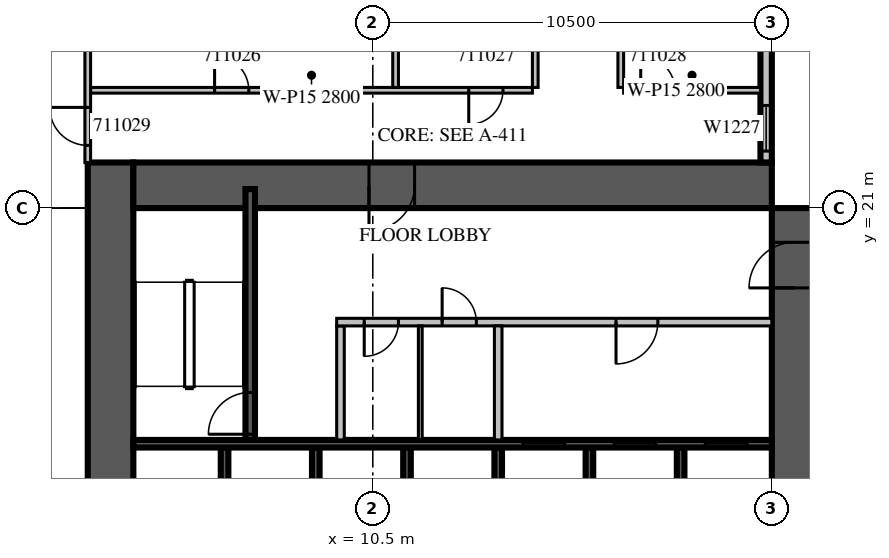
"""IFC4 building model, lengths in metres.
Left out: names, types, materials, properties, quantities, classifications, styles, units other than length and angle.
Written with IfcOpenShell. Run it as: python <this file> out.ifc"""

import sys

from ifc_helpers import new_model, si_unit, direction, frame, frame_2d, origin, place, context, subcontext, project, spatial, rectangle, extrude, source, transform, mapped, element, fill, save


model = new_model("IFC4")
c1 = context("Model", 3, precision=1e-05, world=origin(), true_north=direction((0.0, 1.0)))
c2 = subcontext(c1, "Body", "Model", "MODEL_VIEW")
j1 = project(units=[si_unit("LENGTHUNIT", "METRE"), si_unit("PLANEANGLEUNIT", "RADIAN")], contexts=[c1])
p1 = place(None, origin())
s1 = spatial("IfcSite", under=j1, at=p1, CompositionType="ELEMENT")
p2 = place(p1, origin())
s2 = spatial("IfcBuilding", under=s1, at=p2, CompositionType="ELEMENT")
p3 = place(p2, frame((0.0, 0.0, 57.3)))
s3 = spatial("IfcBuildingStorey", under=s2, at=p3, CompositionType="ELEMENT", Elevation=57.3)
m1 = source(origin(), c2, "Body", "SweptSolid", [
    extrude(rectangle(XDim=18.0, YDim=1.2, at=frame_2d((9.0, 0.0))), origin(), (0.0, 0.0, 1.0), 4.2),
])
p4 = place(p3, frame((3.6, 4.2, 0.0), z_axis=(0.0, 0.0, 1.0), x_axis=(0.0, 1.0, 0.0)))
e1 = element("IfcWall", 1, at=p4, inside=s3, PredefinedType="SHEAR", context=c2, shape_type="MappedRepresentation", body=[
    mapped(m1, transform((0.0, 0.0, 0.0), scale=1.0)),
])
m2 = source(origin(), c2, "Body", "SweptSolid", [
    extrude(rectangle(XDim=2.2, YDim=2.1, at=frame_2d((1.1, 1.05))), frame((0.0, 0.61, 0.0), z_axis=(0.0, -1.0, 0.0), x_axis=(1.0, 0.0, 0.0)), (0.0, 0.0, 1.0), 1.22),
])
p5 = place(p4, frame((4.2, 0.0, 0.0)))
e2 = element("IfcOpeningElement", 2, at=p5, cuts=e1, PredefinedType="OPENING", context=c2, shape_type="MappedRepresentation", body=[
    mapped(m2, transform((0.0, 0.0, 0.0), scale=1.0)),
])
m3 = source(origin(), c2, "Body", "SweptSolid", [
    extrude(rectangle(XDim=16.8, YDim=1.2, at=frame_2d((8.4, 0.0))), origin(), (0.0, 0.0, 1.0), 4.2),
])
p6 = place(p3, frame((21.6, 4.2, 0.0), z_axis=(0.0, 0.0, 1.0), x_axis=(0.0, 1.0, 0.0)))
e3 = element("IfcWall", 3, at=p6, inside=s3, PredefinedType="SHEAR", context=c2, shape_type="MappedRepresentation", body=[
    mapped(m3, transform((0.0, 0.0, 0.0), scale=1.0)),
])
m4 = source(origin(), c2, "Body", "SweptSolid", [
    extrude(rectangle(XDim=1.2, YDim=2.1, at=frame_2d((0.6, 1.05))), frame((0.0, 0.61, 0.0), z_axis=(0.0, -1.0, 0.0), x_axis=(1.0, 0.0, 0.0)), (0.0, 0.0, 1.0), 1.22),
])
p7 = place(p6, frame((14.7, 0.0, 0.0)))
e4 = element("IfcOpeningElement", 4, at=p7, cuts=e3, PredefinedType="OPENING", context=c2, shape_type="MappedRepresentation", body=[
    mapped(m4, transform((0.0, 0.0, 0.0), scale=1.0)),
])
p8 = place(p3, frame((4.2, 21.6, 0.0), z_axis=(0.0, 0.0, 1.0), x_axis=(1.0, 0.0, 0.0)))
e5 = element("IfcWall", 5, at=p8, inside=s3, PredefinedType="SHEAR", context=c2, shape_type="MappedRepresentation", body=[
    mapped(m3, transform((0.0, 0.0, 0.0), scale=1.0)),
])
p9 = place(p8, frame((6.2, 0.0, 0.0)))
e6 = element("IfcOpeningElement", 6, at=p9, cuts=e5, PredefinedType="OPENING", context=c2, shape_type="MappedRepresentation", body=[
    mapped(m4, transform((0.0, 0.0, 0.0), scale=1.0)),
])
p10 = place(p3, frame((20.85, 22.2, 0.0), z_axis=(0.0, 0.0, 1.0), x_axis=(0.0, 1.0, 0.0)))
e7 = element("IfcWall", 7, at=p10, inside=s3, PredefinedType="STANDARD", context=c2, shape_type="SweptSolid", body=[
    extrude(rectangle(XDim=6.6, YDim=0.3, at=frame_2d((3.3, 0.0))), origin(), (0.0, 0.0, 1.0), 3.3),
])
m5 = source(origin(), c2, "Body", "SweptSolid", [
    extrude(rectangle(XDim=1.2, YDim=2.7, at=frame_2d((0.6, 1.35))), frame((0.0, 0.16, 0.0), z_axis=(0.0, -1.0, 0.0), x_axis=(1.0, 0.0, 0.0)), (0.0, 0.0, 1.0), 0.32),
])
p11 = place(p10, frame((0.3, 0.0, 0.6)))
e8 = element("IfcOpeningElement", 8, at=p11, cuts=e7, PredefinedType="OPENING", context=c2, shape_type="MappedRepresentation", body=[
    mapped(m5, transform((0.0, 0.0, 0.0), scale=1.0)),
])
m6 = source(origin(), c2, "Body", "SweptSolid", [
    extrude(rectangle(XDim=2.4, YDim=2.7, at=frame_2d((1.2, 1.35))), frame((0.0, 0.16, 0.0), z_axis=(0.0, -1.0, 0.0), x_axis=(1.0, 0.0, 0.0)), (0.0, 0.0, 1.0), 0.32),
])
p12 = place(p10, frame((3.9, 0.0, 0.6)))
e9 = element("IfcOpeningElement", 9, at=p12, cuts=e7, PredefinedType="OPENING", context=c2, shape_type="MappedRepresentation", body=[
    mapped(m6, transform((0.0, 0.0, 0.0), scale=1.0)),
])
m7 = source(origin(), c2, "Body", "SweptSolid", [
    extrude(rectangle(XDim=3.0, YDim=0.2, at=frame_2d((1.5, 0.0))), origin(), (0.0, 0.0, 1.0), 4.2),
])
for number, where, z_axis, x_axis in (
    (10, (6.6, 11.7, 0.0), (0.0, 0.0, 1.0), (0.0, 1.0, 0.0)),
    (11, (9.0, 11.7, 0.0), (0.0, 0.0, 1.0), (0.0, 1.0, 0.0)),
    (12, (11.4, 11.7, 0.0), (0.0, 0.0, 1.0), (0.0, 1.0, 0.0)),
    (13, (13.8, 11.7, 0.0), (0.0, 0.0, 1.0), (0.0, 1.0, 0.0)),
    (14, (16.2, 11.7, 0.0), (0.0, 0.0, 1.0), (0.0, 1.0, 0.0)),
    (15, (18.6, 11.7, 0.0), (0.0, 0.0, 1.0), (0.0, 1.0, 0.0)),
):
    element("IfcWall", number, at=place(p3, frame(where, z_axis=z_axis, x_axis=x_axis)), inside=s3, PredefinedType="SOLIDWALL", context=c2, shape_type="MappedRepresentation", body=[
        mapped(m7, transform((0.0, 0.0, 0.0), scale=1.0)),
    ])
m8 = source(origin(), c2, "Body", "SweptSolid", [
    extrude(rectangle(XDim=16.8, YDim=0.2, at=frame_2d((8.4, 0.0))), origin(), (0.0, 0.0, 1.0), 4.2),
])
p13 = place(p3, frame((4.2, 14.8, 0.0), z_axis=(0.0, 0.0, 1.0), x_axis=(1.0, 0.0, 0.0)))
e16 = element("IfcWall", 16, at=p13, inside=s3, PredefinedType="SOLIDWALL", context=c2, shape_type="MappedRepresentation", body=[
    mapped(m8, transform((0.0, 0.0, 0.0), scale=1.0)),
])
m9 = source(origin(), c2, "Body", "SweptSolid", [
    extrude(rectangle(XDim=1.1, YDim=2.1, at=frame_2d((0.55, 1.05))), frame((0.0, 0.11, 0.0), z_axis=(0.0, -1.0, 0.0), x_axis=(1.0, 0.0, 0.0)), (0.0, 0.0, 1.0), 0.22),
])
p14 = place(p13, frame((10.25, 0.0, 0.0)))
e17 = element("IfcOpeningElement", 17, at=p14, cuts=e16, PredefinedType="OPENING", context=c2, shape_type="MappedRepresentation", body=[
    mapped(m9, transform((0.0, 0.0, 0.0), scale=1.0)),
])
p15 = place(p13, frame((12.65, 0.0, 0.0)))
e18 = element("IfcOpeningElement", 18, at=p15, cuts=e16, PredefinedType="OPENING", context=c2, shape_type="MappedRepresentation", body=[
    mapped(m9, transform((0.0, 0.0, 0.0), scale=1.0)),
])
p16 = place(p13, frame((15.05, 0.0, 0.0)))
e19 = element("IfcOpeningElement", 19, at=p16, cuts=e16, PredefinedType="OPENING", context=c2, shape_type="MappedRepresentation", body=[
    mapped(m9, transform((0.0, 0.0, 0.0), scale=1.0)),
])
m10 = source(origin(), c2, "Body", "SweptSolid", [
    extrude(rectangle(XDim=6.6, YDim=0.25, at=frame_2d((3.3, 0.0))), origin(), (0.0, 0.0, 1.0), 3.8),
])
p17 = place(p3, frame((7.275, 14.9, 0.0), z_axis=(0.0, 0.0, 1.0), x_axis=(0.0, 1.0, 0.0)))
e20 = element("IfcWall", 20, at=p17, inside=s3, PredefinedType="SOLIDWALL", context=c2, shape_type="MappedRepresentation", body=[
    mapped(m10, transform((0.0, 0.0, 0.0), scale=1.0)),
])
m11 = source(origin(), c2, "Body", "SweptSolid", [
    extrude(rectangle(XDim=1.1, YDim=2.1, at=frame_2d((0.55, 1.05))), frame((0.0, 0.135, 0.0), z_axis=(0.0, -1.0, 0.0), x_axis=(1.0, 0.0, 0.0)), (0.0, 0.0, 1.0), 0.27),
])
p18 = place(p17, frame((0.15, 0.0, 0.0)))
e21 = element("IfcOpeningElement", 21, at=p18, cuts=e20, PredefinedType="OPENING", context=c2, shape_type="MappedRepresentation", body=[
    mapped(m11, transform((0.0, 0.0, 0.0), scale=1.0)),
])
m12 = source(origin(), c2, "Body", "SweptSolid", [
    extrude(rectangle(XDim=3.0, YDim=0.2, at=frame_2d((1.5, 0.0))), origin(), (0.0, 0.0, 1.0), 3.8),
])
p19 = place(p3, frame((9.65, 14.9, 0.0), z_axis=(0.0, 0.0, 1.0), x_axis=(0.0, 1.0, 0.0)))
e22 = element("IfcWall", 22, at=p19, inside=s3, PredefinedType="PARTITIONING", context=c2, shape_type="MappedRepresentation", body=[
    mapped(m12, transform((0.0, 0.0, 0.0), scale=1.0)),
])
m13 = source(origin(), c2, "Body", "SweptSolid", [
    extrude(rectangle(XDim=11.45, YDim=0.2, at=frame_2d((5.725, 0.0))), origin(), (0.0, 0.0, 1.0), 3.8),
])
p20 = place(p3, frame((9.55, 18.0, 0.0), z_axis=(0.0, 0.0, 1.0), x_axis=(1.0, 0.0, 0.0)))
e23 = element("IfcWall", 23, at=p20, inside=s3, PredefinedType="PARTITIONING", context=c2, shape_type="MappedRepresentation", body=[
    mapped(m13, transform((0.0, 0.0, 0.0), scale=1.0)),
])
m14 = source(origin(), c2, "Body", "SweptSolid", [
    extrude(rectangle(XDim=0.9, YDim=2.1, at=frame_2d((0.45, 1.05))), frame((0.0, 0.11, 0.0), z_axis=(0.0, -1.0, 0.0), x_axis=(1.0, 0.0, 0.0)), (0.0, 0.0, 1.0), 0.22),
])
p21 = place(p20, frame((0.725, 0.0, 0.0)))
e24 = element("IfcOpeningElement", 24, at=p21, cuts=e23, PredefinedType="OPENING", context=c2, shape_type="MappedRepresentation", body=[
    mapped(m14, transform((0.0, 0.0, 0.0), scale=1.0)),
])
p22 = place(p20, frame((2.775, 0.0, 0.0)))
e25 = element("IfcOpeningElement", 25, at=p22, cuts=e23, PredefinedType="OPENING", context=c2, shape_type="MappedRepresentation", body=[
    mapped(m14, transform((0.0, 0.0, 0.0), scale=1.0)),
])
p23 = place(p20, frame((7.35, 0.0, 0.0)))
e26 = element("IfcOpeningElement", 26, at=p23, cuts=e23, PredefinedType="OPENING", context=c2, shape_type="MappedRepresentation", body=[
    mapped(m9, transform((0.0, 0.0, 0.0), scale=1.0)),
])
p24 = place(p3, frame((13.8, 14.9, 0.0), z_axis=(0.0, 0.0, 1.0), x_axis=(0.0, 1.0, 0.0)))
e27 = element("IfcWall", 27, at=p24, inside=s3, PredefinedType="PARTITIONING", context=c2, shape_type="MappedRepresentation", body=[
    mapped(m12, transform((0.0, 0.0, 0.0), scale=1.0)),
])
m15 = source(origin(), c2, "Body", "SweptSolid", [
    extrude(rectangle(XDim=3.0, YDim=0.1, at=frame_2d((1.5, 0.0))), origin(), (0.0, 0.0, 1.0), 3.8),
])
p25 = place(p3, frame((11.75, 14.9, 0.0), z_axis=(0.0, 0.0, 1.0), x_axis=(0.0, 1.0, 0.0)))
e28 = element("IfcWall", 28, at=p25, inside=s3, PredefinedType="PARTITIONING", context=c2, shape_type="MappedRepresentation", body=[
    mapped(m15, transform((0.0, 0.0, 0.0), scale=1.0)),
])
p26 = place(p3, frame((3.075, 24.1, 0.0), z_axis=(0.0, 0.0, 1.0), x_axis=(1.0, 0.0, 0.0)))
e29 = element("IfcWall", 29, at=p26, inside=s3, PredefinedType="PARTITIONING", context=c2, shape_type="SweptSolid", body=[
    extrude(rectangle(XDim=11.625, YDim=0.15, at=frame_2d((5.812, 0.0))), origin(), (0.0, 0.0, 1.0), 2.8),
])
m16 = source(origin(), c2, "Body", "SweptSolid", [
    extrude(rectangle(XDim=0.9, YDim=2.1, at=frame_2d((0.45, 1.05))), frame((0.0, 0.085, 0.0), z_axis=(0.0, -1.0, 0.0), x_axis=(1.0, 0.0, 0.0)), (0.0, 0.0, 1.0), 0.17),
])
p27 = place(p26, frame((3.263, 0.0, 0.0)))
e30 = element("IfcOpeningElement", 30, at=p27, cuts=e29, PredefinedType="OPENING", context=c2, shape_type="MappedRepresentation", body=[
    mapped(m16, transform((0.0, 0.0, 0.0), scale=1.0)),
])
p28 = place(p26, frame((9.95, 0.0, 0.0)))
e31 = element("IfcOpeningElement", 31, at=p28, cuts=e29, PredefinedType="OPENING", context=c2, shape_type="MappedRepresentation", body=[
    mapped(m16, transform((0.0, 0.0, 0.0), scale=1.0)),
])
m17 = source(origin(), c2, "Body", "SweptSolid", [
    extrude(rectangle(XDim=3.6, YDim=0.15, at=frame_2d((1.8, 0.0))), origin(), (0.0, 0.0, 1.0), 2.8),
])
p29 = place(p3, frame((17.1, 24.1, 0.0), z_axis=(0.0, 0.0, 1.0), x_axis=(1.0, 0.0, 0.0)))
e32 = element("IfcWall", 32, at=p29, inside=s3, PredefinedType="PARTITIONING", context=c2, shape_type="MappedRepresentation", body=[
    mapped(m17, transform((0.0, 0.0, 0.0), scale=1.0)),
])
p30 = place(p29, frame((0.45, 0.0, 0.0)))
e33 = element("IfcOpeningElement", 33, at=p30, cuts=e32, PredefinedType="OPENING", context=c2, shape_type="MappedRepresentation", body=[
    mapped(m16, transform((0.0, 0.0, 0.0), scale=1.0)),
])
m18 = source(origin(), c2, "Body", "SweptSolid", [
    extrude(rectangle(XDim=5.15, YDim=0.15, at=frame_2d((2.575, 0.0))), origin(), (0.0, 0.0, 1.0), 3.3),
])
for number, where, z_axis, x_axis in (
    (34, (11.1, 24.175, 0.0), (0.0, 0.0, 1.0), (0.0, 1.0, 0.0)),
    (35, (14.775, 24.175, 0.0), (0.0, 0.0, 1.0), (0.0, 1.0, 0.0)),
    (36, (17.025, 29.325, 0.0), (0.0, 0.0, 1.0), (0.0, -1.0, 0.0)),
):
    element("IfcWall", number, at=place(p3, frame(where, z_axis=z_axis, x_axis=x_axis)), inside=s3, PredefinedType="PARTITIONING", context=c2, shape_type="MappedRepresentation", body=[
        mapped(m18, transform((0.0, 0.0, 0.0), scale=1.0)),
    ])
m19 = source(origin(), c2, "Body", "SweptSolid", [
    extrude(rectangle(XDim=7.125, YDim=0.15, at=frame_2d((3.562, 0.0))), origin(), (0.0, 0.0, 1.0), 3.8),
])
p31 = place(p3, frame((3.0, 29.325, 0.0), z_axis=(0.0, 0.0, 1.0), x_axis=(0.0, -1.0, 0.0)))
e37 = element("IfcWall", 37, at=p31, inside=s3, PredefinedType="PARTITIONING", context=c2, shape_type="MappedRepresentation", body=[
    mapped(m19, transform((0.0, 0.0, 0.0), scale=1.0)),
])
m20 = source(origin(), c2, "Body", "SweptSolid", [
    extrude(rectangle(XDim=1.0, YDim=2.1, at=frame_2d((0.5, 1.05))), frame((0.0, 0.085, 0.0), z_axis=(0.0, -1.0, 0.0), x_axis=(1.0, 0.0, 0.0)), (0.0, 0.0, 1.0), 0.17),
])
p32 = place(p31, frame((5.675, 0.0, 0.0)))
e38 = element("IfcOpeningElement", 38, at=p32, cuts=e37, PredefinedType="OPENING", context=c2, shape_type="MappedRepresentation", body=[
    mapped(m20, transform((0.0, 0.0, 0.0), scale=1.0)),
])
m21 = source(origin(), c2, "Body", "SweptSolid", [
    extrude(rectangle(XDim=1.2, YDim=2.7, at=frame_2d((0.6, 1.35))), frame((0.0, 0.03, 0.0), z_axis=(0.0, -1.0, 0.0), x_axis=(1.0, 0.0, 0.0)), (0.0, 0.0, 1.0), 0.06),
])
p33 = place(p11, origin())
e39 = element("IfcWindow", 39, at=p33, inside=s3, PartitioningType="SINGLE_PANEL", PredefinedType="WINDOW", context=c2, shape_type="MappedRepresentation", body=[
    mapped(m21, transform((0.0, 0.0, 0.0), scale=1.0)),
])
fill(e8, e39)
m22 = source(origin(), c2, "Body", "SweptSolid", [
    extrude(rectangle(XDim=1.1, YDim=2.1, at=frame_2d((0.55, 1.05))), frame((0.0, 0.025, 0.0), z_axis=(0.0, -1.0, 0.0), x_axis=(1.0, 0.0, 0.0)), (0.0, 0.0, 1.0), 0.05),
])
p34 = place(p14, origin())
e40 = element("IfcDoor", 40, at=p34, inside=s3, OperationType="SLIDING_TO_LEFT", PredefinedType="DOOR", context=c2, shape_type="MappedRepresentation", body=[
    mapped(m22, transform((0.0, 0.0, 0.0), scale=1.0)),
])
fill(e17, e40)
p35 = place(p15, origin())
e41 = element("IfcDoor", 41, at=p35, inside=s3, OperationType="SLIDING_TO_LEFT", PredefinedType="DOOR", context=c2, shape_type="MappedRepresentation", body=[
    mapped(m22, transform((0.0, 0.0, 0.0), scale=1.0)),
])
fill(e18, e41)
p36 = place(p16, origin())
e42 = element("IfcDoor", 42, at=p36, inside=s3, OperationType="SLIDING_TO_LEFT", PredefinedType="DOOR", context=c2, shape_type="MappedRepresentation", body=[
    mapped(m22, transform((0.0, 0.0, 0.0), scale=1.0)),
])
fill(e19, e42)
p37 = place(p18, origin())
e43 = element("IfcDoor", 43, at=p37, inside=s3, OperationType="SINGLE_SWING_LEFT", PredefinedType="DOOR", context=c2, shape_type="MappedRepresentation", body=[
    mapped(m22, transform((0.0, 0.0, 0.0), scale=1.0)),
])
fill(e21, e43)
m23 = source(origin(), c2, "Body", "SweptSolid", [
    extrude(rectangle(XDim=0.9, YDim=2.1, at=frame_2d((0.45, 1.05))), frame((0.0, 0.025, 0.0), z_axis=(0.0, -1.0, 0.0), x_axis=(1.0, 0.0, 0.0)), (0.0, 0.0, 1.0), 0.05),
])
p38 = place(p21, origin())
e44 = element("IfcDoor", 44, at=p38, inside=s3, OperationType="SINGLE_SWING_RIGHT", PredefinedType="DOOR", context=c2, shape_type="MappedRepresentation", body=[
    mapped(m23, transform((0.0, 0.0, 0.0), scale=1.0)),
])
fill(e24, e44)
p39 = place(p22, origin())
e45 = element("IfcDoor", 45, at=p39, inside=s3, OperationType="SINGLE_SWING_LEFT", PredefinedType="DOOR", context=c2, shape_type="MappedRepresentation", body=[
    mapped(m23, transform((0.0, 0.0, 0.0), scale=1.0)),
])
fill(e25, e45)
p40 = place(p23, origin())
e46 = element("IfcDoor", 46, at=p40, inside=s3, OperationType="SINGLE_SWING_RIGHT", PredefinedType="DOOR", context=c2, shape_type="MappedRepresentation", body=[
    mapped(m22, transform((0.0, 0.0, 0.0), scale=1.0)),
])
fill(e26, e46)
m24 = source(origin(), c2, "Body", "SweptSolid", [
    extrude(rectangle(XDim=1.2, YDim=2.1, at=frame_2d((0.6, 1.05))), frame((0.0, 0.025, 0.0), z_axis=(0.0, -1.0, 0.0), x_axis=(1.0, 0.0, 0.0)), (0.0, 0.0, 1.0), 0.05),
])
p41 = place(p9, origin())
e47 = element("IfcDoor", 47, at=p41, inside=s3, OperationType="SINGLE_SWING_RIGHT", PredefinedType="DOOR", context=c2, shape_type="MappedRepresentation", body=[
    mapped(m24, transform((0.0, 0.0, 0.0), scale=1.0)),
])
fill(e6, e47)
p42 = place(p7, origin())
e48 = element("IfcDoor", 48, at=p42, inside=s3, OperationType="SINGLE_SWING_LEFT", PredefinedType="DOOR", context=c2, shape_type="MappedRepresentation", body=[
    mapped(m24, transform((0.0, 0.0, 0.0), scale=1.0)),
])
fill(e4, e48)
p43 = place(p27, origin())
e49 = element("IfcDoor", 49, at=p43, inside=s3, OperationType="SINGLE_SWING_LEFT", PredefinedType="DOOR", context=c2, shape_type="MappedRepresentation", body=[
    mapped(m23, transform((0.0, 0.0, 0.0), scale=1.0)),
])
fill(e30, e49)
p44 = place(p28, origin())
e50 = element("IfcDoor", 50, at=p44, inside=s3, OperationType="SINGLE_SWING_RIGHT", PredefinedType="DOOR", context=c2, shape_type="MappedRepresentation", body=[
    mapped(m23, transform((0.0, 0.0, 0.0), scale=1.0)),
])
fill(e31, e50)
p45 = place(p30, origin())
e51 = element("IfcDoor", 51, at=p45, inside=s3, OperationType="SINGLE_SWING_LEFT", PredefinedType="DOOR", context=c2, shape_type="MappedRepresentation", body=[
    mapped(m23, transform((0.0, 0.0, 0.0), scale=1.0)),
])
fill(e33, e51)
m25 = source(origin(), c2, "Body", "SweptSolid", [
    extrude(rectangle(XDim=1.0, YDim=2.1, at=frame_2d((0.5, 1.05))), frame((0.0, 0.025, 0.0), z_axis=(0.0, -1.0, 0.0), x_axis=(1.0, 0.0, 0.0)), (0.0, 0.0, 1.0), 0.05),
])
p46 = place(p32, origin())
e52 = element("IfcDoor", 52, at=p46, inside=s3, OperationType="SINGLE_SWING_RIGHT", PredefinedType="DOOR", context=c2, shape_type="MappedRepresentation", body=[
    mapped(m25, transform((0.0, 0.0, 0.0), scale=1.0)),
])
fill(e38, e52)
save(model, sys.argv[1])

☆ ☆ ☆ ☆ ☆ ☆ ☆

* Your instructions
What the answer needs is every line from the data above with "SHEAR" in it.

* Exercise response
e1 = element("IfcWall", 1, at=p4, inside=s3, PredefinedType="SHEAR", context=c2, shape_type="MappedRepresentation", body=[
e3 = element("IfcWall", 3, at=p6, inside=s3, PredefinedType="SHEAR", context=c2, shape_type="MappedRepresentation", body=[
e5 = element("IfcWall", 5, at=p8, inside=s3, PredefinedType="SHEAR", context=c2, shape_type="MappedRepresentation", body=[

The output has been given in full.